__WHAT TO PRODUCE__
Every entry is to be returned unchanged, and no picture is to be included.

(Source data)
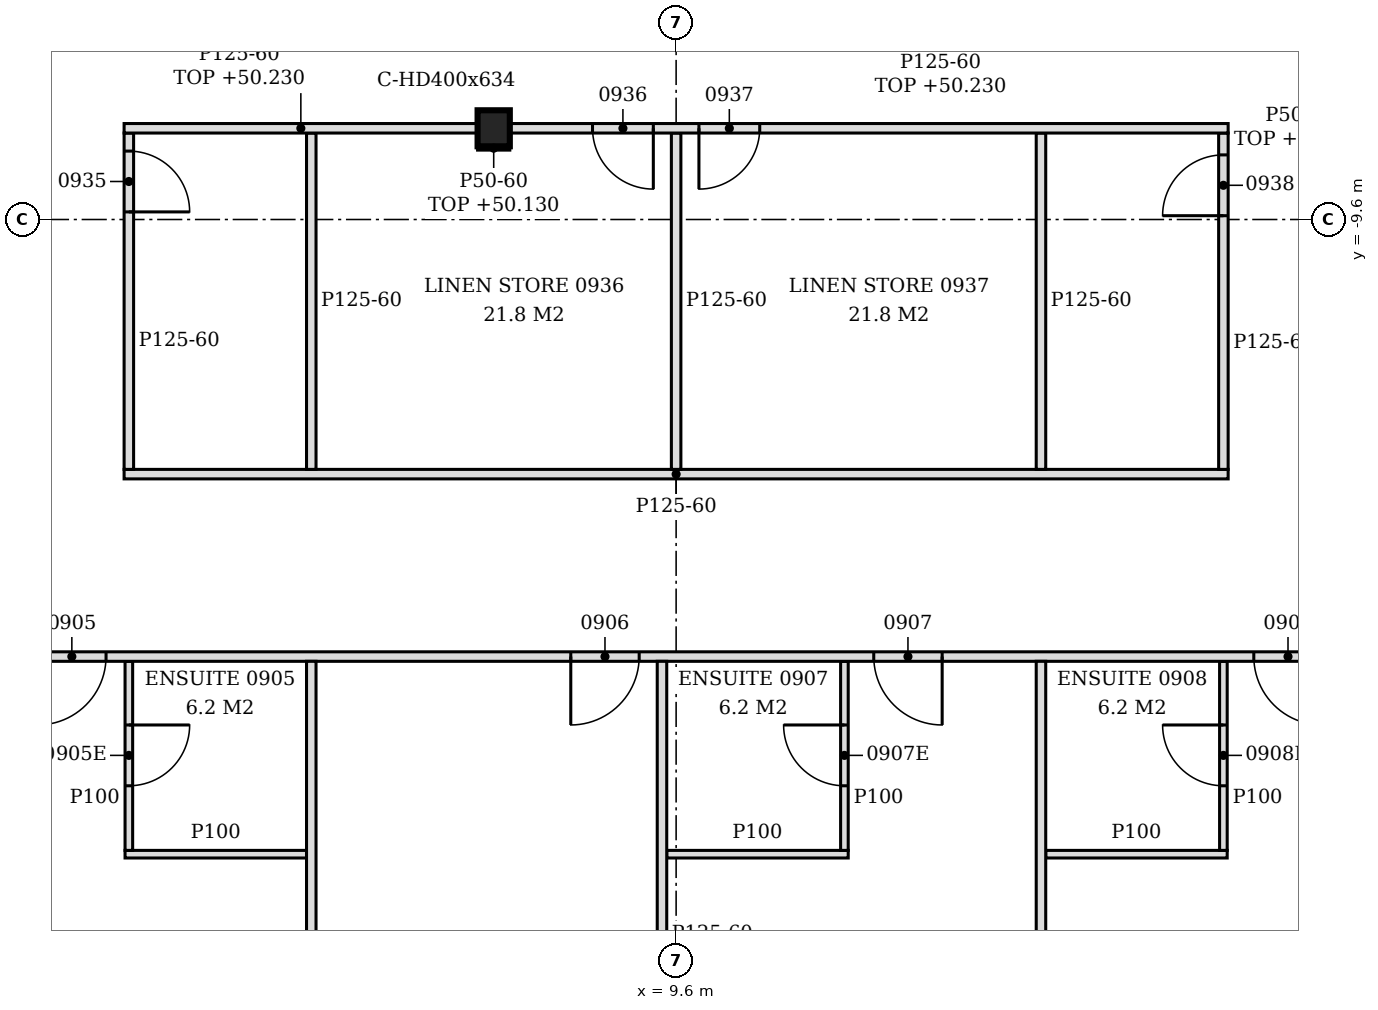
"""IFC4 building model, lengths in metres.
Left out: names, types, materials, properties, quantities, classifications, styles, units other than length and angle.
Written with IfcOpenShell. Run it as: python <this file> out.ifc"""

import sys

from ifc_helpers import new_model, si_unit, direction, frame, frame_2d, origin, origin_2d, place, context, subcontext, project, spatial, polyline, rectangle, i_section, outline, extrude, element, fill, save


model = new_model("IFC4")
c1 = context("Model", 3, precision=1e-05, world=origin(), true_north=direction((0.0, 1.0)))
c2 = subcontext(c1, "Body", "Model", "MODEL_VIEW")
j1 = project(units=[si_unit("LENGTHUNIT", "METRE"), si_unit("PLANEANGLEUNIT", "RADIAN")], contexts=[c1])
p1 = place(None, origin())
s1 = spatial("IfcSite", under=j1, at=p1, CompositionType="ELEMENT")
p2 = place(p1, origin())
s2 = spatial("IfcBuilding", under=s1, at=p2, CompositionType="ELEMENT")
p3 = place(p2, frame((0.0, 0.0, 47.4)))
s3 = spatial("IfcBuildingStorey", under=s2, at=p3, CompositionType="ELEMENT", Elevation=47.4)
p4 = place(p3, frame((7.2, -8.4, -0.15), z_axis=(0.0, 0.0, 1.0), x_axis=(1.0, 0.0, 0.0)))
e1 = element("IfcColumn", 1, at=p4, inside=s3, PredefinedType="COLUMN", context=c2, shape_type="SweptSolid", body=[
    extrude(i_section(OverallWidth=0.424, OverallDepth=0.474, WebThickness=0.048, FlangeThickness=0.077, FilletRadius=0.015, at=origin_2d()), origin(), (0.0, 0.0, 1.0), 3.6),
])
for number, where, z_axis, x_axis in (
    (2, (4.8, -23.65, 0.0), (0.0, 0.0, 1.0), (0.0, 1.0, 0.0)),
    (3, (14.4, -23.65, 0.0), (0.0, 0.0, 1.0), (0.0, 1.0, 0.0)),
):
    element("IfcWall", number, at=place(p3, frame(where, z_axis=z_axis, x_axis=x_axis)), inside=s3, PredefinedType="PARTITIONING", context=c2, shape_type="SweptSolid", body=[
        extrude(outline(polyline([(0.0, 0.0), (8.237, 0.0), (8.238, 3.45), (4.555, 3.45), (4.553, 2.88), (4.345, 2.88), (4.343, 3.45), (0.7, 3.45), (0.698, 2.93), (0.4, 2.93), (0.398, 3.45), (0.0, 3.45), (0.0, 0.0)])), frame((0.0, 0.062, 0.0), z_axis=(0.0, -1.0, 0.0), x_axis=(1.0, 0.0, 0.0)), (0.0, 0.0, 1.0), 0.125),
    ])
p5 = place(p3, frame((9.414, -22.6, 0.0), z_axis=(0.0, 0.0, 1.0), x_axis=(0.0, 1.0, 0.0)))
e4 = element("IfcWall", 4, at=p5, inside=s3, PredefinedType="PARTITIONING", context=c2, shape_type="SweptSolid", body=[
    extrude(outline(polyline([(0.0, 0.0), (7.188, 0.0), (7.188, 3.45), (3.505, 3.45), (3.503, 2.88), (3.295, 2.88), (3.293, 3.45), (0.0, 3.45), (0.0, 0.0)])), frame((0.0, 0.062, 0.0), z_axis=(0.0, -1.0, 0.0), x_axis=(1.0, 0.0, 0.0)), (0.0, 0.0, 1.0), 0.125),
])
p6 = place(p3, frame((2.35, -17.95, 0.0), z_axis=(0.0, 0.0, 1.0), x_axis=(1.0, 0.0, 0.0)))
e5 = element("IfcWall", 5, at=p6, inside=s3, PredefinedType="PARTITIONING", context=c2, shape_type="SweptSolid", body=[
    extrude(rectangle(XDim=2.387, YDim=0.1, at=frame_2d((1.194, 0.0))), origin(), (0.0, 0.0, 1.0), 3.45),
])
p7 = place(p3, frame((2.4, -17.9, 0.0), z_axis=(0.0, 0.0, 1.0), x_axis=(0.0, 1.0, 0.0)))
e6 = element("IfcWall", 6, at=p7, inside=s3, PredefinedType="PARTITIONING", context=c2, shape_type="SweptSolid", body=[
    extrude(rectangle(XDim=2.487, YDim=0.1, at=frame_2d((1.244, 0.0))), origin(), (0.0, 0.0, 1.0), 3.45),
])
p8 = place(p7, frame((0.85, 0.0, 0.0)))
e7 = element("IfcOpeningElement", 7, at=p8, cuts=e6, PredefinedType="OPENING", context=c2, shape_type="SweptSolid", body=[
    extrude(rectangle(XDim=0.8, YDim=2.1, at=frame_2d((0.4, 1.05))), frame((0.0, 0.06, 0.0), z_axis=(0.0, -1.0, 0.0), x_axis=(1.0, 0.0, 0.0)), (0.0, 0.0, 1.0), 0.12),
])
p9 = place(p3, frame((9.477, -17.95, 0.0), z_axis=(0.0, 0.0, 1.0), x_axis=(1.0, 0.0, 0.0)))
e8 = element("IfcWall", 8, at=p9, inside=s3, PredefinedType="PARTITIONING", context=c2, shape_type="SweptSolid", body=[
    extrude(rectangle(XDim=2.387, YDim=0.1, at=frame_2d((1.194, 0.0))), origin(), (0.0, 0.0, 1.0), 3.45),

__SOLUTION__
"""IFC4 building model, lengths in metres.
Left out: names, types, materials, properties, quantities, classifications, styles, units other than length and angle.
Written with IfcOpenShell. Run it as: python <this file> out.ifc"""

import sys

from ifc_helpers import new_model, si_unit, direction, frame, frame_2d, origin, origin_2d, place, context, subcontext, project, spatial, polyline, rectangle, i_section, outline, extrude, element, fill, save


model = new_model("IFC4")
c1 = context("Model", 3, precision=1e-05, world=origin(), true_north=direction((0.0, 1.0)))
c2 = subcontext(c1, "Body", "Model", "MODEL_VIEW")
j1 = project(units=[si_unit("LENGTHUNIT", "METRE"), si_unit("PLANEANGLEUNIT", "RADIAN")], contexts=[c1])
p1 = place(None, origin())
s1 = spatial("IfcSite", under=j1, at=p1, CompositionType="ELEMENT")
p2 = place(p1, origin())
s2 = spatial("IfcBuilding", under=s1, at=p2, CompositionType="ELEMENT")
p3 = place(p2, frame((0.0, 0.0, 47.4)))
s3 = spatial("IfcBuildingStorey", under=s2, at=p3, CompositionType="ELEMENT", Elevation=47.4)
p4 = place(p3, frame((7.2, -8.4, -0.15), z_axis=(0.0, 0.0, 1.0), x_axis=(1.0, 0.0, 0.0)))
e1 = element("IfcColumn", 1, at=p4, inside=s3, PredefinedType="COLUMN", context=c2, shape_type="SweptSolid", body=[
    extrude(i_section(OverallWidth=0.424, OverallDepth=0.474, WebThickness=0.048, FlangeThickness=0.077, FilletRadius=0.015, at=origin_2d()), origin(), (0.0, 0.0, 1.0), 3.6),
])
for number, where, z_axis, x_axis in (
    (2, (4.8, -23.65, 0.0), (0.0, 0.0, 1.0), (0.0, 1.0, 0.0)),
    (3, (14.4, -23.65, 0.0), (0.0, 0.0, 1.0), (0.0, 1.0, 0.0)),
):
    element("IfcWall", number, at=place(p3, frame(where, z_axis=z_axis, x_axis=x_axis)), inside=s3, PredefinedType="PARTITIONING", context=c2, shape_type="SweptSolid", body=[
        extrude(outline(polyline([(0.0, 0.0), (8.237, 0.0), (8.238, 3.45), (4.555, 3.45), (4.553, 2.88), (4.345, 2.88), (4.343, 3.45), (0.7, 3.45), (0.698, 2.93), (0.4, 2.93), (0.398, 3.45), (0.0, 3.45), (0.0, 0.0)])), frame((0.0, 0.062, 0.0), z_axis=(0.0, -1.0, 0.0), x_axis=(1.0, 0.0, 0.0)), (0.0, 0.0, 1.0), 0.125),
    ])
p5 = place(p3, frame((9.414, -22.6, 0.0), z_axis=(0.0, 0.0, 1.0), x_axis=(0.0, 1.0, 0.0)))
e4 = element("IfcWall", 4, at=p5, inside=s3, PredefinedType="PARTITIONING", context=c2, shape_type="SweptSolid", body=[
    extrude(outline(polyline([(0.0, 0.0), (7.188, 0.0), (7.188, 3.45), (3.505, 3.45), (3.503, 2.88), (3.295, 2.88), (3.293, 3.45), (0.0, 3.45), (0.0, 0.0)])), frame((0.0, 0.062, 0.0), z_axis=(0.0, -1.0, 0.0), x_axis=(1.0, 0.0, 0.0)), (0.0, 0.0, 1.0), 0.125),
])
p6 = place(p3, frame((2.35, -17.95, 0.0), z_axis=(0.0, 0.0, 1.0), x_axis=(1.0, 0.0, 0.0)))
e5 = element("IfcWall", 5, at=p6, inside=s3, PredefinedType="PARTITIONING", context=c2, shape_type="SweptSolid", body=[
    extrude(rectangle(XDim=2.387, YDim=0.1, at=frame_2d((1.194, 0.0))), origin(), (0.0, 0.0, 1.0), 3.45),
])
p7 = place(p3, frame((2.4, -17.9, 0.0), z_axis=(0.0, 0.0, 1.0), x_axis=(0.0, 1.0, 0.0)))
e6 = element("IfcWall", 6, at=p7, inside=s3, PredefinedType="PARTITIONING", context=c2, shape_type="SweptSolid", body=[
    extrude(rectangle(XDim=2.487, YDim=0.1, at=frame_2d((1.244, 0.0))), origin(), (0.0, 0.0, 1.0), 3.45),
])
p8 = place(p7, frame((0.85, 0.0, 0.0)))
e7 = element("IfcOpeningElement", 7, at=p8, cuts=e6, PredefinedType="OPENING", context=c2, shape_type="SweptSolid", body=[
    extrude(rectangle(XDim=0.8, YDim=2.1, at=frame_2d((0.4, 1.05))), frame((0.0, 0.06, 0.0), z_axis=(0.0, -1.0, 0.0), x_axis=(1.0, 0.0, 0.0)), (0.0, 0.0, 1.0), 0.12),
])
p9 = place(p3, frame((9.477, -17.95, 0.0), z_axis=(0.0, 0.0, 1.0), x_axis=(1.0, 0.0, 0.0)))
e8 = element("IfcWall", 8, at=p9, inside=s3, PredefinedType="PARTITIONING", context=c2, shape_type="SweptSolid", body=[
    extrude(rectangle(XDim=2.387, YDim=0.1, at=frame_2d((1.194, 0.0))), origin(), (0.0, 0.0, 1.0), 3.45),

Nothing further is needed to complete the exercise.